EXERCISE REQUIREMENTS: All lines in the listing below from the one containing "#190=ADVANCED_FACE('',(#186,#189),#77,.F.);" through the last should be written out exactly, and only those.

MATERIAL PROVIDED:
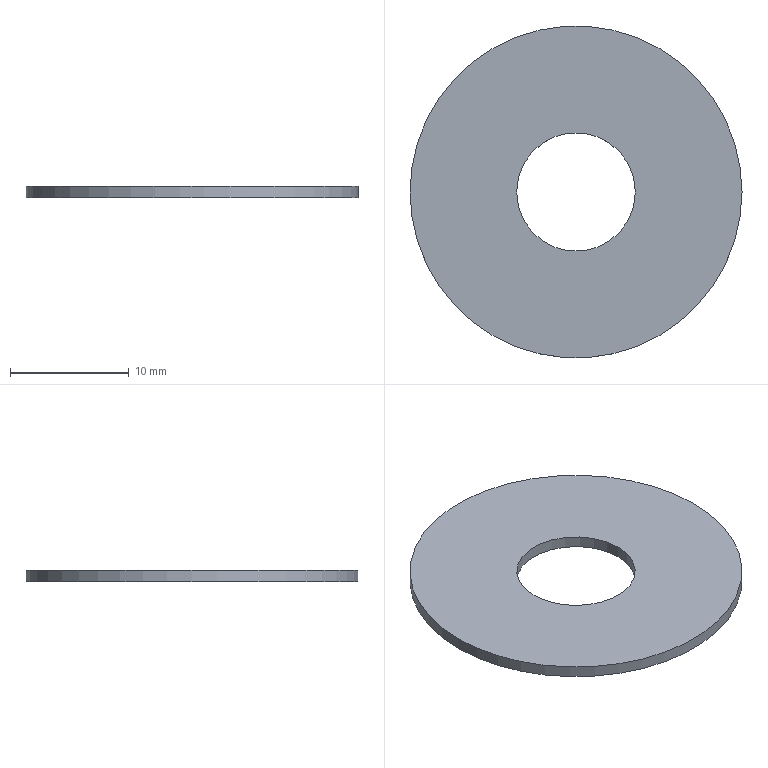Component | NX | WASHER | 1 solid | 4 faces | box 28 x 28 x 1 mm | volume 537 mm3 | cylinder 2 | plane 2 | commonest cylinder face diameters 28 x1 10 x1
STEP:
#1=CARTESIAN_POINT('',(0.,0.,0.));
#2=DIRECTION('',(0.,0.,1.));
#3=DIRECTION('',(1.,0.,0.));
#4=AXIS2_PLACEMENT_3D('',#1,#2,#3);
#5=CARTESIAN_POINT('',(103.996,70.391,11.));
#6=VERTEX_POINT('',#5);
#7=CARTESIAN_POINT('',(89.996,70.391,11.));
#8=DIRECTION('',(0.,0.,1.));
#9=DIRECTION('',(1.,0.,0.));
#10=AXIS2_PLACEMENT_3D('',#7,#8,#9);
#11=CIRCLE('',#10,14.);
#12=CARTESIAN_POINT('',(89.996,70.391,11.));
#13=DIRECTION('',(0.,0.,-1.));
#14=DIRECTION('',(-1.,0.,0.));
#15=AXIS2_PLACEMENT_3D('',#12,#13,#14);
#16=CYLINDRICAL_SURFACE('',#15,14.);
#17=CARTESIAN_POINT('',(9.425,0.));
#18=DIRECTION('',(-1.,0.));
#19=VECTOR('',#18,1.);
#20=LINE('',#17,#19);
#21=(GEOMETRIC_REPRESENTATION_CONTEXT(2)PARAMETRIC_REPRESENTATION_CONTEXT()REPRESENTATION_CONTEXT('',''));
#22=DEFINITIONAL_REPRESENTATION('',(#20),#21);
#23=PCURVE('',#16,#22);
#24=CARTESIAN_POINT('',(89.996,70.391,11.));
#25=DIRECTION('',(0.,0.,1.));
#26=DIRECTION('',(1.,0.,0.));
#27=AXIS2_PLACEMENT_3D('',#24,#25,#26);
#28=PLANE('',#27);
#29=CARTESIAN_POINT('',(0.,0.));
#30=DIRECTION('',(1.,0.));
#31=AXIS2_PLACEMENT_2D('',#29,#30);
#32=CIRCLE('',#31,14.);
#33=(GEOMETRIC_REPRESENTATION_CONTEXT(2)PARAMETRIC_REPRESENTATION_CONTEXT()REPRESENTATION_CONTEXT('',''));
#34=DEFINITIONAL_REPRESENTATION('',(#32),#33);
#35=PCURVE('',#28,#34);
#36=SURFACE_CURVE('',#11,(#23,#35),.PCURVE_S1.);
#37=EDGE_CURVE('',#6,#6,#36,.T.);
#38=ORIENTED_EDGE('',*,*,#37,.F.);
#39=CARTESIAN_POINT('',(103.996,70.391,10.));
#40=VERTEX_POINT('',#39);
#41=CARTESIAN_POINT('',(103.996,70.391,11.));
#42=CARTESIAN_POINT('',(103.996,70.391,10.));
#43=B_SPLINE_CURVE_WITH_KNOTS('',1,(#41,#42),.UNSPECIFIED.,.F.,.F.,(2,2),(0.,1.),.PIECEWISE_BEZIER_KNOTS.);
#44=CARTESIAN_POINT('',(9.425,0.));
#45=DIRECTION('',(0.,1.));
#46=VECTOR('',#45,1.);
#47=LINE('',#44,#46);
#48=(GEOMETRIC_REPRESENTATION_CONTEXT(2)PARAMETRIC_REPRESENTATION_CONTEXT()REPRESENTATION_CONTEXT('',''));
#49=DEFINITIONAL_REPRESENTATION('',(#47),#48);
#50=PCURVE('',#16,#49);
#51=CARTESIAN_POINT('',(3.142,0.));
#52=DIRECTION('',(0.,1.));
#53=VECTOR('',#52,1.);
#54=LINE('',#51,#53);
#55=(GEOMETRIC_REPRESENTATION_CONTEXT(2)PARAMETRIC_REPRESENTATION_CONTEXT()REPRESENTATION_CONTEXT('',''));
#56=DEFINITIONAL_REPRESENTATION('',(#54),#55);
#57=PCURVE('',#16,#56);
#58=SEAM_CURVE('',#43,(#50,#57),.PCURVE_S1.);
#59=EDGE_CURVE('',#6,#40,#58,.T.);
#60=ORIENTED_EDGE('',*,*,#59,.T.);
#61=CARTESIAN_POINT('',(89.996,70.391,10.));
#62=DIRECTION('',(0.,0.,1.));
#63=DIRECTION('',(1.,0.,0.));
#64=AXIS2_PLACEMENT_3D('',#61,#62,#63);
#65=CIRCLE('',#64,14.);
#66=CARTESIAN_POINT('',(9.425,1.));
#67=DIRECTION('',(-1.,0.));
#68=VECTOR('',#67,1.);
#69=LINE('',#66,#68);
#70=(GEOMETRIC_REPRESENTATION_CONTEXT(2)PARAMETRIC_REPRESENTATION_CONTEXT()REPRESENTATION_CONTEXT('',''));
#71=DEFINITIONAL_REPRESENTATION('',(#69),#70);
#72=PCURVE('',#16,#71);
#73=CARTESIAN_POINT('',(89.996,70.391,10.));
#74=DIRECTION('',(0.,0.,1.));
#75=DIRECTION('',(1.,0.,0.));
#76=AXIS2_PLACEMENT_3D('',#73,#74,#75);
#77=PLANE('',#76);
#78=CARTESIAN_POINT('',(0.,0.));
#79=DIRECTION('',(1.,0.));
#80=AXIS2_PLACEMENT_2D('',#78,#79);
#81=CIRCLE('',#80,14.);
#82=(GEOMETRIC_REPRESENTATION_CONTEXT(2)PARAMETRIC_REPRESENTATION_CONTEXT()REPRESENTATION_CONTEXT('',''));
#83=DEFINITIONAL_REPRESENTATION('',(#81),#82);
#84=PCURVE('',#77,#83);
#85=SURFACE_CURVE('',#65,(#72,#84),.PCURVE_S1.);
#86=EDGE_CURVE('',#40,#40,#85,.T.);
#87=ORIENTED_EDGE('',*,*,#86,.T.);
#88=ORIENTED_EDGE('',*,*,#59,.F.);
#89=EDGE_LOOP('',(#38,#60,#87,#88));
#90=FACE_BOUND('',#89,.T.);
#91=ADVANCED_FACE('',(#90),#16,.T.);
#92=CARTESIAN_POINT('',(94.996,70.391,11.));
#93=VERTEX_POINT('',#92);
#94=CARTESIAN_POINT('',(89.996,70.391,11.));
#95=DIRECTION('',(0.,0.,-1.));
#96=DIRECTION('',(1.,0.,0.));
#97=AXIS2_PLACEMENT_3D('',#94,#95,#96);
#98=CIRCLE('',#97,5.);
#99=CARTESIAN_POINT('',(89.996,70.391,11.));
#100=DIRECTION('',(0.,0.,-1.));
#101=DIRECTION('',(-1.,0.,0.));
#102=AXIS2_PLACEMENT_3D('',#99,#100,#101);
#103=CYLINDRICAL_SURFACE('',#102,5.);
#104=CARTESIAN_POINT('',(3.142,0.));
#105=DIRECTION('',(1.,0.));
#106=VECTOR('',#105,1.);
#107=LINE('',#104,#106);
#108=(GEOMETRIC_REPRESENTATION_CONTEXT(2)PARAMETRIC_REPRESENTATION_CONTEXT()REPRESENTATION_CONTEXT('',''));
#109=DEFINITIONAL_REPRESENTATION('',(#107),#108);
#110=PCURVE('',#103,#109);
#111=CARTESIAN_POINT('',(5.,0.));
#112=CARTESIAN_POINT('',(5.,-8.66));
#113=CARTESIAN_POINT('',(-2.5,-4.33));
#114=CARTESIAN_POINT('',(-10.,-0.));
#115=CARTESIAN_POINT('',(-2.5,4.33));
#116=CARTESIAN_POINT('',(5.,8.66));
#117=CARTESIAN_POINT('',(5.,0.));
#118=(BOUNDED_CURVE()B_SPLINE_CURVE(2,(#111,#112,#113,#114,#115,#116,#117),.UNSPECIFIED.,.T.,.F.)B_SPLINE_CURVE_WITH_KNOTS((1,2,2,2,2,1),(-2.094,0.,2.094,4.189,6.283,8.378),.UNSPECIFIED.)CURVE()GEOMETRIC_REPRESENTATION_ITEM()RATIONAL_B_SPLINE_CURVE((1.,0.5,1.,0.5,1.,0.5,1.))REPRESENTATION_ITEM(''));
#119=(GEOMETRIC_REPRESENTATION_CONTEXT(2)PARAMETRIC_REPRESENTATION_CONTEXT()REPRESENTATION_CONTEXT('',''));
#120=DEFINITIONAL_REPRESENTATION('',(#118),#119);
#121=PCURVE('',#28,#120);
#122=SURFACE_CURVE('',#98,(#110,#121),.PCURVE_S1.);
#123=EDGE_CURVE('',#93,#93,#122,.T.);
#124=ORIENTED_EDGE('',*,*,#123,.T.);
#125=CARTESIAN_POINT('',(94.996,70.391,10.));
#126=VERTEX_POINT('',#125);
#127=CARTESIAN_POINT('',(94.996,70.391,11.));
#128=CARTESIAN_POINT('',(94.996,70.391,10.));
#129=B_SPLINE_CURVE_WITH_KNOTS('',1,(#127,#128),.UNSPECIFIED.,.F.,.F.,(2,2),(0.,1.),.PIECEWISE_BEZIER_KNOTS.);
#130=CARTESIAN_POINT('',(9.425,0.));
#131=DIRECTION('',(0.,1.));
#132=VECTOR('',#131,1.);
#133=LINE('',#130,#132);
#134=(GEOMETRIC_REPRESENTATION_CONTEXT(2)PARAMETRIC_REPRESENTATION_CONTEXT()REPRESENTATION_CONTEXT('',''));
#135=DEFINITIONAL_REPRESENTATION('',(#133),#134);
#136=PCURVE('',#103,#135);
#137=CARTESIAN_POINT('',(3.142,0.));
#138=DIRECTION('',(0.,1.));
#139=VECTOR('',#138,1.);
#140=LINE('',#137,#139);
#141=(GEOMETRIC_REPRESENTATION_CONTEXT(2)PARAMETRIC_REPRESENTATION_CONTEXT()REPRESENTATION_CONTEXT('',''));
#142=DEFINITIONAL_REPRESENTATION('',(#140),#141);
#143=PCURVE('',#103,#142);
#144=SEAM_CURVE('',#129,(#136,#143),.PCURVE_S1.);
#145=EDGE_CURVE('',#93,#126,#144,.T.);
#146=ORIENTED_EDGE('',*,*,#145,.T.);
#147=CARTESIAN_POINT('',(89.996,70.391,10.));
#148=DIRECTION('',(0.,0.,-1.));
#149=DIRECTION('',(1.,0.,0.));
#150=AXIS2_PLACEMENT_3D('',#147,#148,#149);
#151=CIRCLE('',#150,5.);
#152=CARTESIAN_POINT('',(3.142,1.));
#153=DIRECTION('',(1.,0.));
#154=VECTOR('',#153,1.);
#155=LINE('',#152,#154);
#156=(GEOMETRIC_REPRESENTATION_CONTEXT(2)PARAMETRIC_REPRESENTATION_CONTEXT()REPRESENTATION_CONTEXT('',''));
#157=DEFINITIONAL_REPRESENTATION('',(#155),#156);
#158=PCURVE('',#103,#157);
#159=CARTESIAN_POINT('',(5.,0.));
#160=CARTESIAN_POINT('',(5.,-8.66));
#161=CARTESIAN_POINT('',(-2.5,-4.33));
#162=CARTESIAN_POINT('',(-10.,-0.));
#163=CARTESIAN_POINT('',(-2.5,4.33));
#164=CARTESIAN_POINT('',(5.,8.66));
#165=CARTESIAN_POINT('',(5.,0.));
#166=(BOUNDED_CURVE()B_SPLINE_CURVE(2,(#159,#160,#161,#162,#163,#164,#165),.UNSPECIFIED.,.T.,.F.)B_SPLINE_CURVE_WITH_KNOTS((1,2,2,2,2,1),(-2.094,0.,2.094,4.189,6.283,8.378),.UNSPECIFIED.)CURVE()GEOMETRIC_REPRESENTATION_ITEM()RATIONAL_B_SPLINE_CURVE((1.,0.5,1.,0.5,1.,0.5,1.))REPRESENTATION_ITEM(''));
#167=(GEOMETRIC_REPRESENTATION_CONTEXT(2)PARAMETRIC_REPRESENTATION_CONTEXT()REPRESENTATION_CONTEXT('',''));
#168=DEFINITIONAL_REPRESENTATION('',(#166),#167);
#169=PCURVE('',#77,#168);
#170=SURFACE_CURVE('',#151,(#158,#169),.PCURVE_S1.);
#171=EDGE_CURVE('',#126,#126,#170,.T.);
#172=ORIENTED_EDGE('',*,*,#171,.F.);
#173=ORIENTED_EDGE('',*,*,#145,.F.);
#174=EDGE_LOOP('',(#124,#146,#172,#173));
#175=FACE_BOUND('',#174,.F.);
#176=ADVANCED_FACE('',(#175),#103,.F.);
#177=ORIENTED_EDGE('',*,*,#37,.T.);
#178=EDGE_LOOP('',(#177));
#179=FACE_BOUND('',#178,.T.);
#180=ORIENTED_EDGE('',*,*,#123,.T.);
#181=EDGE_LOOP('',(#180));
#182=FACE_BOUND('',#181,.T.);
#183=ADVANCED_FACE('',(#179,#182),#28,.T.);
#184=ORIENTED_EDGE('',*,*,#86,.F.);
#185=EDGE_LOOP('',(#184));
#186=FACE_BOUND('',#185,.T.);
#187=ORIENTED_EDGE('',*,*,#171,.F.);
#188=EDGE_LOOP('',(#187));
#189=FACE_BOUND('',#188,.T.);
#190=ADVANCED_FACE('',(#186,#189),#77,.F.);
#191=CLOSED_SHELL('',(#91,#176,#183,#190));
#192=MANIFOLD_SOLID_BREP('',#191);
#193=(LENGTH_UNIT()NAMED_UNIT(*)SI_UNIT(.MILLI.,.METRE.));
#194=UNCERTAINTY_MEASURE_WITH_UNIT(LENGTH_MEASURE(0.00001),#193,'','');
#195=(NAMED_UNIT(*)PLANE_ANGLE_UNIT()SI_UNIT($,.RADIAN.));
#196=(NAMED_UNIT(*)SI_UNIT($,.STERADIAN.)SOLID_ANGLE_UNIT());
#197=(GEOMETRIC_REPRESENTATION_CONTEXT(3)GLOBAL_UNCERTAINTY_ASSIGNED_CONTEXT((#194))GLOBAL_UNIT_ASSIGNED_CONTEXT((#193,#195,#196))REPRESENTATION_CONTEXT('',''));
#198=ADVANCED_BREP_SHAPE_REPRESENTATION('',(#4,#192),#197);

RESPONSE TO THIS EXERCISE:
#190=ADVANCED_FACE('',(#186,#189),#77,.F.);
#191=CLOSED_SHELL('',(#91,#176,#183,#190));
#192=MANIFOLD_SOLID_BREP('',#191);
#193=(LENGTH_UNIT()NAMED_UNIT(*)SI_UNIT(.MILLI.,.METRE.));
#194=UNCERTAINTY_MEASURE_WITH_UNIT(LENGTH_MEASURE(0.00001),#193,'','');
#195=(NAMED_UNIT(*)PLANE_ANGLE_UNIT()SI_UNIT($,.RADIAN.));
#196=(NAMED_UNIT(*)SI_UNIT($,.STERADIAN.)SOLID_ANGLE_UNIT());
#197=(GEOMETRIC_REPRESENTATION_CONTEXT(3)GLOBAL_UNCERTAINTY_ASSIGNED_CONTEXT((#194))GLOBAL_UNIT_ASSIGNED_CONTEXT((#193,#195,#196))REPRESENTATION_CONTEXT('',''));
#198=ADVANCED_BREP_SHAPE_REPRESENTATION('',(#4,#192),#197);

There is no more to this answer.